Collected data entries:
== == ==

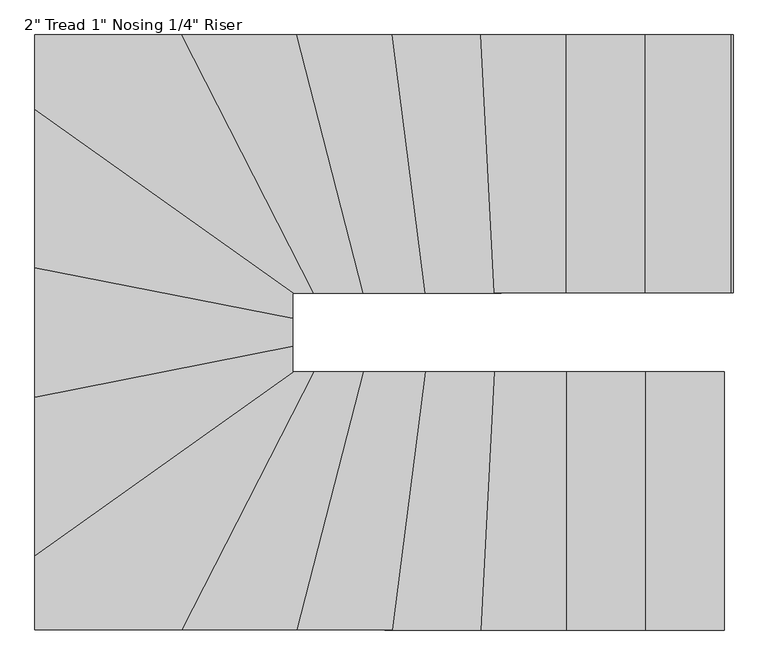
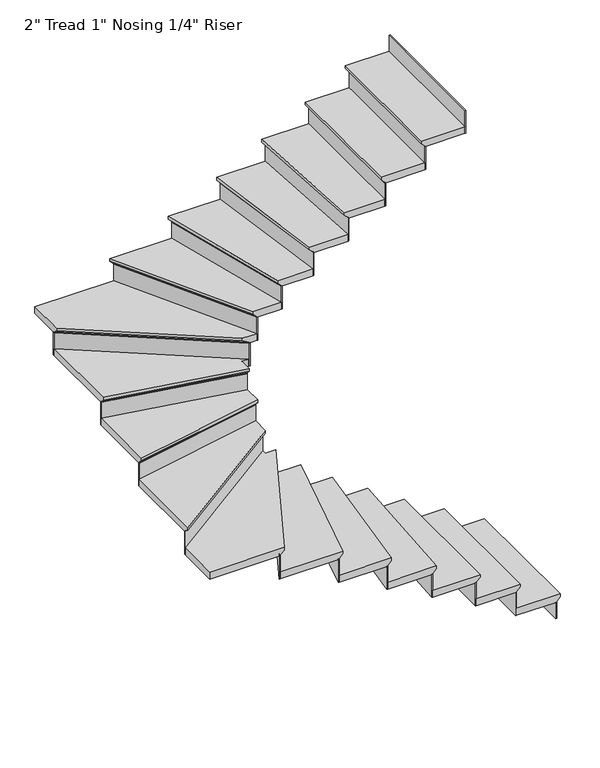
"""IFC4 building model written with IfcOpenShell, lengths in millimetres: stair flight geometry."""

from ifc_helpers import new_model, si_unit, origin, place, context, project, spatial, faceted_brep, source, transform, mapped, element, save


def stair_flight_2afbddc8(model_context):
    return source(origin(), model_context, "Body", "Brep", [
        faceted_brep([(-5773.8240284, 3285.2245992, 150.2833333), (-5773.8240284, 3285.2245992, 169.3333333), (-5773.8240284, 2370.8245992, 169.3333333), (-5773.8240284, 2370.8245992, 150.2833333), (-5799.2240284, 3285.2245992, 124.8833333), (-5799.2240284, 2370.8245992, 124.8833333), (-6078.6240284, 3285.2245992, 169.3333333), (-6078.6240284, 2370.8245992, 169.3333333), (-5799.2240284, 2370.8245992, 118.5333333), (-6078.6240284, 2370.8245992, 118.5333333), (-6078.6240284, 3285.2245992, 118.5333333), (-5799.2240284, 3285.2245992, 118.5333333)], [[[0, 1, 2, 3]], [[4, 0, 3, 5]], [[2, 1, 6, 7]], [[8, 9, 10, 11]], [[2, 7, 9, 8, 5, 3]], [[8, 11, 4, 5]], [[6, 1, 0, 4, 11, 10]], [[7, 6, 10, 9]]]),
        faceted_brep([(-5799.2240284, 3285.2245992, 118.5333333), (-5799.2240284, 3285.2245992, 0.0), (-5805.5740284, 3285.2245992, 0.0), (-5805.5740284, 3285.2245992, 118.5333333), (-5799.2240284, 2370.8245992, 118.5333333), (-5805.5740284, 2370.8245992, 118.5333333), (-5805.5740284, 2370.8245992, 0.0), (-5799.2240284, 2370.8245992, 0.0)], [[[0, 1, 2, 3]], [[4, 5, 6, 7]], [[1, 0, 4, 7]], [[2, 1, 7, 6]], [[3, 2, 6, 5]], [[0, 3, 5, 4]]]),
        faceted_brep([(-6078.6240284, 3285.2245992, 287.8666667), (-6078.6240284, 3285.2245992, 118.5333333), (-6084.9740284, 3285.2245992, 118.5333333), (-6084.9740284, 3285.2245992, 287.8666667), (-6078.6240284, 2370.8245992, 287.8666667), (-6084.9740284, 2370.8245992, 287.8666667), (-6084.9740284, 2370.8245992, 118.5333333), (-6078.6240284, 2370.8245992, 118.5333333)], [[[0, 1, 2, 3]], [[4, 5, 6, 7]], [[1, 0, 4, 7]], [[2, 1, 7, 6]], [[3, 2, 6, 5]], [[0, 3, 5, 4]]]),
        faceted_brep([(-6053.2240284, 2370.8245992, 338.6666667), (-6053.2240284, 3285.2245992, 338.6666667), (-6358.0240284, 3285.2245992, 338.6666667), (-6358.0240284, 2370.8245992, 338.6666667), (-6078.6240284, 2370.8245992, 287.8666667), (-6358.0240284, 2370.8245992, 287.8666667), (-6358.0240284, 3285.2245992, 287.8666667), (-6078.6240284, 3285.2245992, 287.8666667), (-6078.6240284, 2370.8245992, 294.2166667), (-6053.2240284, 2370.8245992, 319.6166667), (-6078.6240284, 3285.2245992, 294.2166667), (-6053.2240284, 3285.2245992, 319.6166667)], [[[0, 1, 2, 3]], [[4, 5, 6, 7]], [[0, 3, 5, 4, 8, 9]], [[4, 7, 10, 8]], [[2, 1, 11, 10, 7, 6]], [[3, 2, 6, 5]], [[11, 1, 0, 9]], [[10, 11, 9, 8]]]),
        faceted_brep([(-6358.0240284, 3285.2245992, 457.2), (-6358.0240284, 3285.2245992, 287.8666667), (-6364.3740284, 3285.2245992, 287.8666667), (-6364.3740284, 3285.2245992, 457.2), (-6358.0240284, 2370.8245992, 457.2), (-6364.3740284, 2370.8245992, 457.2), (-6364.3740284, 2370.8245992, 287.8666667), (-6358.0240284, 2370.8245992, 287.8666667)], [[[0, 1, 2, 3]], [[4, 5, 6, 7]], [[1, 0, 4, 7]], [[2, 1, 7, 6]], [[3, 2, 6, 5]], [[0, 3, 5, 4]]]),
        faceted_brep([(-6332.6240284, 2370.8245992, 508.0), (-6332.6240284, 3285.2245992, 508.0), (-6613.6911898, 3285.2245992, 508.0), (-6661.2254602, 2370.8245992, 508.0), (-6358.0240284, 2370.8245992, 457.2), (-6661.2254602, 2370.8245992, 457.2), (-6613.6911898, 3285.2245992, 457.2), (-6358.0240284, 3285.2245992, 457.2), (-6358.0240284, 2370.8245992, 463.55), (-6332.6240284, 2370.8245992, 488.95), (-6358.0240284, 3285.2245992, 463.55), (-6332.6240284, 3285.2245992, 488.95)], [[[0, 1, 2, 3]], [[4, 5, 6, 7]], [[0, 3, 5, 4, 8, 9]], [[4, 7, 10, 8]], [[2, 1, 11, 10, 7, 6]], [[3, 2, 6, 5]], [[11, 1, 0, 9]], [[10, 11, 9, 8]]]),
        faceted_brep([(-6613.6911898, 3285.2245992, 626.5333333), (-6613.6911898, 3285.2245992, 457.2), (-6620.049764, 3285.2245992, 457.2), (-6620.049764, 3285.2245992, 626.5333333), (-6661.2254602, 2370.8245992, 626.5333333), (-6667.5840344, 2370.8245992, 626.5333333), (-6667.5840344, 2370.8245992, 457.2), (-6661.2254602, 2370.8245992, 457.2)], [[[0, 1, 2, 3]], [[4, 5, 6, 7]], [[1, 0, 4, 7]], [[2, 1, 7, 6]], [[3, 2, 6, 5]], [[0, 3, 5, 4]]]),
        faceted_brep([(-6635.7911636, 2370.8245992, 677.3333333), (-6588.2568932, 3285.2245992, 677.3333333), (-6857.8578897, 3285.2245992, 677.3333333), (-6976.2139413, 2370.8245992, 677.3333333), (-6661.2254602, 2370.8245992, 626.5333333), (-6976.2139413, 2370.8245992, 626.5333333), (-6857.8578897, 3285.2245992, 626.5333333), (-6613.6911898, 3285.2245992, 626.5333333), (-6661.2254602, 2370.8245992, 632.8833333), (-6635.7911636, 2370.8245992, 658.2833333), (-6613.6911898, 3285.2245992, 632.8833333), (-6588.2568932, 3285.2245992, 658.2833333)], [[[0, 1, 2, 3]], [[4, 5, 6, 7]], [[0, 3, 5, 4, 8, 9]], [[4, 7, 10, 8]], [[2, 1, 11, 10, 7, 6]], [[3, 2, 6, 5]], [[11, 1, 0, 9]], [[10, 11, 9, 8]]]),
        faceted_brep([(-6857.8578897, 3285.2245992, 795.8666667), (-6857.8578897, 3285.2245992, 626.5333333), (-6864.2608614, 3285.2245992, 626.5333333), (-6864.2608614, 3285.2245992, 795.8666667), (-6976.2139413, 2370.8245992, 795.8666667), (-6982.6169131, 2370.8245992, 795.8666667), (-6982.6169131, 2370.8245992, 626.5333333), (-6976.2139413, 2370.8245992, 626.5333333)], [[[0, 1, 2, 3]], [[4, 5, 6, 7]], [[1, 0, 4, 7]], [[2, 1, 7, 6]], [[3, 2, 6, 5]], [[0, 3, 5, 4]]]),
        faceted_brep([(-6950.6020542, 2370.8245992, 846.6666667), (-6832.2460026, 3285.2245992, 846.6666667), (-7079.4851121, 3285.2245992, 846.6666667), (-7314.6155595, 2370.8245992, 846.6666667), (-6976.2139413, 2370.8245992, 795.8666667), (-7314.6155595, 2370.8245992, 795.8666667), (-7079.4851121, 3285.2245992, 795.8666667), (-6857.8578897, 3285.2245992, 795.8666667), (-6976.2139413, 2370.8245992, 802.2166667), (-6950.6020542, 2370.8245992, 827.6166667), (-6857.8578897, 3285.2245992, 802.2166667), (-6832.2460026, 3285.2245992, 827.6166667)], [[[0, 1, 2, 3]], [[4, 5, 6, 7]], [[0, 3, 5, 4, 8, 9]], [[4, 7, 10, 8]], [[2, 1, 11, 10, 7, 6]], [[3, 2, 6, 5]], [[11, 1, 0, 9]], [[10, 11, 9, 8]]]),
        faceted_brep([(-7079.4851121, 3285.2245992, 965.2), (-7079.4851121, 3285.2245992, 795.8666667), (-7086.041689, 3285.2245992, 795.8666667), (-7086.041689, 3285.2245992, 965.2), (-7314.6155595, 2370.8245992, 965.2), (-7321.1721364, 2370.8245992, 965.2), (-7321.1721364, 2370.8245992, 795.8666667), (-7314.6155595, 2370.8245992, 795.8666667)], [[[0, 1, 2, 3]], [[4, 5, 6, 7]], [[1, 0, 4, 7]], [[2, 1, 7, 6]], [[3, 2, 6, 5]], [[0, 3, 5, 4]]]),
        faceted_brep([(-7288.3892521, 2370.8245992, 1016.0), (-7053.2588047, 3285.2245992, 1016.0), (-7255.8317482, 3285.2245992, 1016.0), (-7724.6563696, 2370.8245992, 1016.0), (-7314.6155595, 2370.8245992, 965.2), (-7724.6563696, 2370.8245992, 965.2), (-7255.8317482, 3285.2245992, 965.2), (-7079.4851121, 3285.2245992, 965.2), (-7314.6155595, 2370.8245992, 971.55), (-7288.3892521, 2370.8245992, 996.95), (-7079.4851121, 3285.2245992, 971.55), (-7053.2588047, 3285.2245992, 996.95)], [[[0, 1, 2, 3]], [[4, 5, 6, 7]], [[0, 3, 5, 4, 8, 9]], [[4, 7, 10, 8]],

== == ==

▶ _Task requirements_: Work through the records line by line and tally those holding "origin". Reply with the number alone.

▶ _Exercise answer_: 2